[Recorded data]
# # # # #

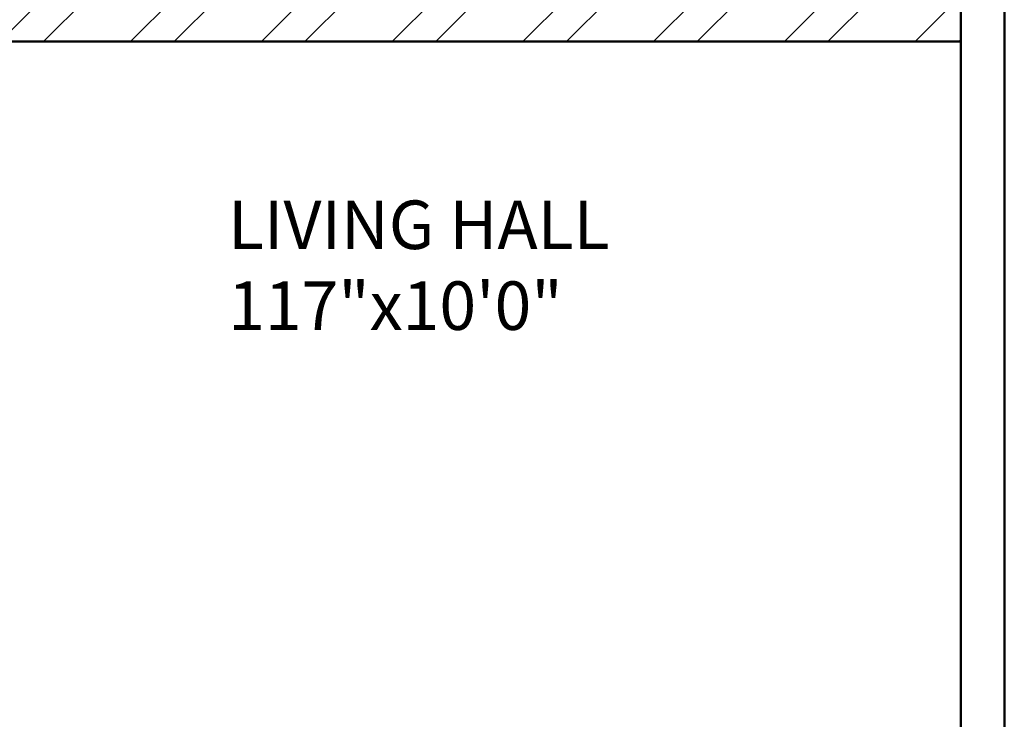
# Model space of a CAD drawing. Units: inches. Extents: x 1901 to 2863, y 888 to 2433.
# Tile 69 of 91: x 2651 to 2753, y 1812 to 1884. Entities that reach past the tile are written whole.
import ezdxf

# ---------------------------------------------------------------- set-up
doc = ezdxf.new("R2010")
doc.units = ezdxf.units.IN
for name, color, linetype, lineweight in [('A-AREA-IDEN', 7, 'Continuous', 18), ('A-WALL', 7, 'Continuous', 50), ('A-WALL-PATT', 8, 'Continuous', 13)]:
    doc.layers.add(name, color=color, linetype=linetype, lineweight=lineweight)
doc.styles.get("Standard").update_dxf_attribs({"font": 'arial.ttf'})

msp = doc.modelspace()

# ---------------------------------------------------------------- hatches: boundary and pattern name
at = {"layer": 'A-WALL-PATT'}
h = msp.add_hatch(dxfattribs=at)
h.set_pattern_fill('ANSI32', color=256)
h.paths.add_polyline_path([(2192.5, 2274.13), (2141.26, 2274.13), (2141.26, 2269.63), (2192.5, 2269.63)])
h.paths.add_polyline_path([(2259.93, 2274.13), (2216.5, 2274.13), (2216.5, 2269.63), (2255.43, 2269.63), (2255.43, 2214.63), (2250.81, 2214.63), (2250.81, 2210.13), (2259.93, 2210.13), (2259.93, 2215.13), (2271.76, 2215.13), (2271.76, 2217.38), (2271.76, 2219.63), (2259.93, 2219.63)])
h.paths.add_polyline_path([(2171.43, 2269.63), (2166.93, 2269.63), (2166.93, 2219.63), (2121.24, 2219.63), (2121.24, 2215.13), (2166.93, 2215.13), (2166.93, 2083.13), (2161.81, 2083.13), (2161.81, 2078.63), (2171.43, 2078.63), (2177, 2078.63), (2177, 2080.88), (2177, 2083.13), (2171.43, 2083.13), (2171.43, 2210.13), (2230.91, 2210.13), (2230.91, 2212.38), (2230.91, 2214.63), (2171.43, 2214.63)])
h.paths.add_polyline_path([(2117.26, 2274.13), (2089.43, 2274.13), (2089.43, 2219.63), (2081.14, 2219.63), (2081.14, 2215.13), (2089.43, 2215.13), (2098, 2215.13), (2098, 2217.38), (2098, 2219.63), (2093.93, 2219.63), (2093.93, 2269.63), (2117.26, 2269.63), (2117.26, 2271.88)])
h.paths.add_polyline_path([(2343.43, 2219.63), (2329.29, 2219.63), (2329.29, 2215.13), (2338.93, 2215.13), (2338.93, 2184.74), (2343.43, 2184.74)])
h.paths.add_polyline_path([(2338.93, 2083.13), (2329.29, 2083.13), (2208.97, 2083.13), (2208.97, 2078.63), (2338.93, 2078.63)])
h.paths.add_polyline_path([(2343.43, 2136.74), (2338.93, 2136.74), (2338.93, 1872.63), (2343.43, 1872.63)])
h.paths.add_polyline_path([(2343.43, 1863.63), (2397.68, 1863.63), (2397.68, 1821.63), (2384.14, 1821.63), (2384.14, 1812.63), (2418.33, 1812.63), (2418.33, 1817.13), (2418.33, 1821.63), (2406.68, 1821.63), (2406.68, 1863.63), (2459.5, 1863.63), (2459.5, 1821.63), (2447.14, 1821.63), (2447.14, 1812.63), (2459.5, 1812.63), (2468.5, 1812.63), (2468.5, 1872.63), (2394.43, 1872.63), (2334.43, 1872.63), (2334.43, 1812.63), (2343.43, 1812.63), (2353.25, 1812.63), (2353.25, 1821.63), (2343.43, 1821.63)])
h.paths.add_polyline_path([(2510.01, 1872.63), (2468.5, 1872.63), (2468.5, 1868.13), (2510.01, 1868.13)])
h.paths.add_polyline_path([(2514.01, 1817.13), (2468.5, 1817.13), (2468.5, 1812.63), (2482.11, 1812.63), (2482.11, 1800.61), (2486.61, 1800.61), (2486.61, 1812.63), (2514.01, 1812.63)])
h.paths.add_polyline_path([(2299.25, 1814.88), (2299.25, 1817.13), (2295.93, 1817.13), (2295.93, 1854.17), (2293.68, 1854.17), (2291.43, 1854.17), (2291.43, 1817.13), (2266.11, 1817.13), (2266.11, 1812.63), (2299.25, 1812.63)])
h.paths.add_polyline_path([(2218.11, 1817.13), (2206.46, 1817.13), (2171.43, 1817.13), (2171.43, 1949.13), (2190.1, 1949.13), (2190.1, 1953.63), (2163.47, 1953.63), (2163.47, 1949.13), (2166.93, 1949.13), (2166.93, 1817.13), (2114.3, 1817.13), (2114.3, 1812.63), (2218.11, 1812.63)])
h.paths.add_polyline_path([(2029.43, 1970.92), (2024.93, 1970.92), (2024.93, 1912.72), (2029.43, 1912.72)])
h.paths.add_polyline_path([(2132.3, 1953.63), (2113.93, 1953.63), (2113.93, 1975.89), (2111.68, 1975.89), (2109.43, 1975.89), (2109.43, 1953.63), (2029.43, 1953.63), (2029.43, 1949.13), (2132.3, 1949.13)])
h.paths.add_polyline_path([(2029.43, 1853.61), (2029.31, 1853.61), (2029.31, 1853.61), (2029.43, 1853.61), (2029.43, 1864.72), (2024.93, 1864.72), (2024.93, 1812.63), (2066.3, 1812.63), (2066.3, 1814.88), (2066.3, 1817.13), (2029.43, 1817.13)])
h.paths.add_polyline_path([(2122.93, 2010.09), (2120.68, 2010.09), (2118.43, 2010.09), (2118.43, 2006.13), (2029.43, 2006.13), (2029.43, 2001.63), (2109.43, 2001.63), (2109.43, 1998.04), (2113.93, 1998.04), (2113.93, 2001.63), (2122.93, 2001.63)])
h.paths.add_polyline_path([(2029.43, 2031.38), (2024.93, 2031.38), (2024.93, 1994.92), (2027.18, 1994.92), (2029.43, 1994.92)])
h.paths.add_polyline_path([(2029.43, 2136.74), (2024.93, 2136.74), (2024.93, 2067.38), (2027.18, 2067.38), (2029.43, 2067.38)])
h.paths.add_polyline_path([(2125.62, 2083.13), (2029.43, 2083.13), (2029.43, 2078.63), (2118.43, 2078.63), (2118.43, 2030.71), (2122.93, 2030.71), (2122.93, 2078.63), (2125.62, 2078.63)])
h.paths.add_polyline_path([(2029.43, 2215.13), (2040.47, 2215.13), (2040.47, 2217.38), (2040.47, 2219.63), (2024.93, 2219.63), (2024.93, 2184.74), (2029.43, 2184.74), (2029.43, 2187.78)])
h.paths.add_polyline_path([(2686.43, 2274.13), (2659.28, 2274.13), (2659.28, 2269.63), (2681.93, 2269.63), (2681.93, 2219.63), (2676.82, 2219.63), (2676.82, 2215.13), (2681.93, 2215.13), (2697.01, 2215.13), (2697.01, 2217.38), (2697.01, 2219.63), (2686.43, 2219.63)])
h.paths.add_polyline_path([(2609.93, 2269.63), (2635.28, 2269.63), (2635.28, 2274.13), (2571.43, 2274.13), (2571.43, 2269.63), (2605.43, 2269.63), (2605.43, 2214.63), (2549.1, 2214.63), (2549.1, 2210.13), (2605.43, 2210.13), (2605.43, 2083.13), (2601.01, 2083.13), (2601.01, 2080.88), (2601.01, 2078.63), (2609.93, 2078.63), (2616.16, 2078.63), (2616.16, 2080.88), (2616.16, 2083.13), (2609.93, 2083.13), (2609.93, 2215.13), (2651.46, 2215.13), (2651.46, 2217.38), (2651.46, 2219.63), (2609.93, 2219.63)])
h.paths.add_polyline_path([(2521.43, 2269.63), (2547.43, 2269.63), (2547.43, 2271.88), (2547.43, 2274.13), (2516.93, 2274.13), (2516.93, 2219.63), (2506.41, 2219.63), (2506.41, 2215.13), (2516.93, 2215.13), (2516.93, 2210.13), (2525.4, 2210.13), (2525.4, 2212.38), (2525.4, 2214.63), (2521.43, 2214.63)])
h.paths.add_polyline_path([(2456.01, 2219.63), (2439.43, 2219.63), (2439.43, 2187.89), (2443.93, 2187.89), (2443.93, 2215.13), (2456.01, 2215.13)])
h.paths.add_polyline_path([(2752.93, 2219.63), (2739.48, 2219.63), (2739.48, 2215.13), (2748.43, 2215.13), (2748.43, 2187.89), (2752.93, 2187.89)])
h.paths.add_polyline_path([(2752.93, 2139.89), (2748.43, 2139.89), (2748.43, 2083.13), (2648.42, 2083.13), (2648.42, 2078.63), (2654.93, 2078.63), (2654.93, 2039.44), (2659.43, 2039.44), (2659.43, 2078.63), (2748.43, 2078.63), (2748.43, 2063.43), (2752.93, 2063.43)])
h.paths.add_polyline_path([(2752.93, 2010.63), (2659.43, 2010.63), (2659.43, 2015.65), (2654.93, 2015.65), (2654.93, 2010.63), (2605.43, 2010.63), (2605.43, 1920.97), (2609.93, 1920.97), (2609.93, 2006.13), (2748.43, 2006.13), (2748.43, 1982.47), (2752.93, 1982.47)])
h.paths.add_polyline_path([(2752.93, 2027.43), (2748.43, 2027.43), (2748.43, 2010.63), (2752.93, 2010.63)])
h.paths.add_polyline_path([(2748.43, 1886.13), (2609.93, 1886.13), (2609.93, 1889.72), (2605.43, 1889.72), (2605.43, 1861.26), (2609.93, 1861.26), (2609.93, 1881.63), (2748.43, 1881.63)])
h.paths.add_polyline_path([(2456.86, 2228.83), (2498.4, 2228.83), (2498.4, 2247.49), (2456.86, 2247.49)], flags=9)
h.paths.add_polyline_path([(2038.6, 2237.42), (2080.17, 2237.42), (2080.17, 2256.08), (2038.6, 2256.08)], flags=9)
h.paths.add_polyline_path([(2292.01, 1062.39), (2539.93, 1062.39), (2539.93, 1099.49), (2292.01, 1099.49)], flags=9)
h.paths.add_polyline_path([(2424.91, 1832.25), (2448.51, 1832.25), (2448.51, 1846.68), (2424.91, 1846.68)], flags=25)
h.paths.add_polyline_path([(2359.08, 1832.25), (2382.68, 1832.25), (2382.68, 1846.68), (2359.08, 1846.68)], flags=25)
h.paths.add_polyline_path([(2352.9, 1684.8), (2367.54, 1684.8), (2367.54, 1697.17), (2352.9, 1697.17)], flags=9)
h.paths.add_polyline_path([(2079.29, 1755.83), (2169.02, 1755.83), (2169.02, 1774.37), (2079.29, 1774.37)], flags=9)
h.paths.add_polyline_path([(2404.09, 1373.86), (2404.09, 1463.59), (2385.54, 1463.59), (2385.54, 1373.86)], flags=9)
h.paths.add_polyline_path([(2268.09, 2236.37), (2309.64, 2236.37), (2309.64, 2255.03), (2268.09, 2255.03)], flags=9)
h.paths.add_polyline_path([(2575.96, 1700.95), (2665.7, 1700.95), (2665.7, 1719.5), (2575.96, 1719.5)], flags=9)
h.paths.add_polyline_path([(2302.96, 1878.47), (2329.52, 1878.47), (2329.52, 1888.78), (2302.96, 1888.78)], flags=9)
h.paths.add_polyline_path([(2097.42, 2240.58), (2126.57, 2240.58), (2126.57, 2259.23), (2097.42, 2259.23)], flags=9)
h.paths.add_polyline_path([(2208.72, 2246.12), (2237.88, 2246.12), (2237.88, 2264.78), (2208.72, 2264.78)], flags=9)
h.paths.add_polyline_path([(2038.15, 1925.96), (2076.99, 1925.96), (2076.99, 1944.62), (2038.15, 1944.62)], flags=9)
h.paths.add_polyline_path([(2239.14, 1926.67), (2288.46, 1926.67), (2288.46, 1945.33), (2239.14, 1945.33)], flags=9)
h.paths.add_polyline_path([(2175.43, 2007.33), (2212.36, 2007.33), (2212.36, 2025.99), (2175.43, 2025.99)], flags=9)
h.paths.add_polyline_path([(2225.03, 2091.79), (2263.87, 2091.79), (2263.87, 2110.45), (2225.03, 2110.45)], flags=9)
h.paths.add_polyline_path([(2035.4, 2098.48), (2074.24, 2098.48), (2074.24, 2117.14), (2035.4, 2117.14)], flags=9)
h.paths.add_polyline_path([(2050.1, 2029.21), (2083.26, 2029.21), (2083.26, 2047.87), (2050.1, 2047.87)], flags=9)
h.paths.add_polyline_path([(2069.68, 1956.72), (2098.83, 1956.72), (2098.83, 1975.38), (2069.68, 1975.38)], flags=25)
h.paths.add_polyline_path([(2328.62, 1753.34), (2361.66, 1753.34), (2361.66, 1771.99), (2328.62, 1771.99)], flags=9)
h.paths.add_polyline_path([(2395.16, 2060.89), (2395.16, 2140.65), (2378.68, 2140.65), (2378.68, 2060.89)], flags=9)
h.paths.add_polyline_path([(2463.73, 2059.02), (2492.89, 2059.02), (2492.89, 2077.68), (2463.73, 2077.68)], flags=9)
h.paths.add_polyline_path([(2458.03, 2181.54), (2496.87, 2181.54), (2496.87, 2200.19), (2458.03, 2200.19)], flags=9)
h.paths.add_polyline_path([(2527.58, 2243.07), (2556.73, 2243.07), (2556.73, 2261.73), (2527.58, 2261.73)], flags=9)
h.paths.add_polyline_path([(2694.46, 2232.77), (2736.03, 2232.77), (2736.03, 2251.42), (2694.46, 2251.42)], flags=9)
h.paths.add_polyline_path([(2637.82, 2249.22), (2666.98, 2249.22), (2666.98, 2267.88), (2637.82, 2267.88)], flags=9)
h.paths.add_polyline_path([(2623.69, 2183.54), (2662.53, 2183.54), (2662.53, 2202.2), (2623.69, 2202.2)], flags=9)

# # # # #

--- The problem ---
Set down the line that contains "(2637.82, 2267.88)], flags=9)" exactly. Do the same for each later line of the data, through the end, and add nothing.

--- Exercise answer ---
h.paths.add_polyline_path([(2637.82, 2249.22), (2666.98, 2249.22), (2666.98, 2267.88), (2637.82, 2267.88)], flags=9)
h.paths.add_polyline_path([(2623.69, 2183.54), (2662.53, 2183.54), (2662.53, 2202.2), (2623.69, 2202.2)], flags=9)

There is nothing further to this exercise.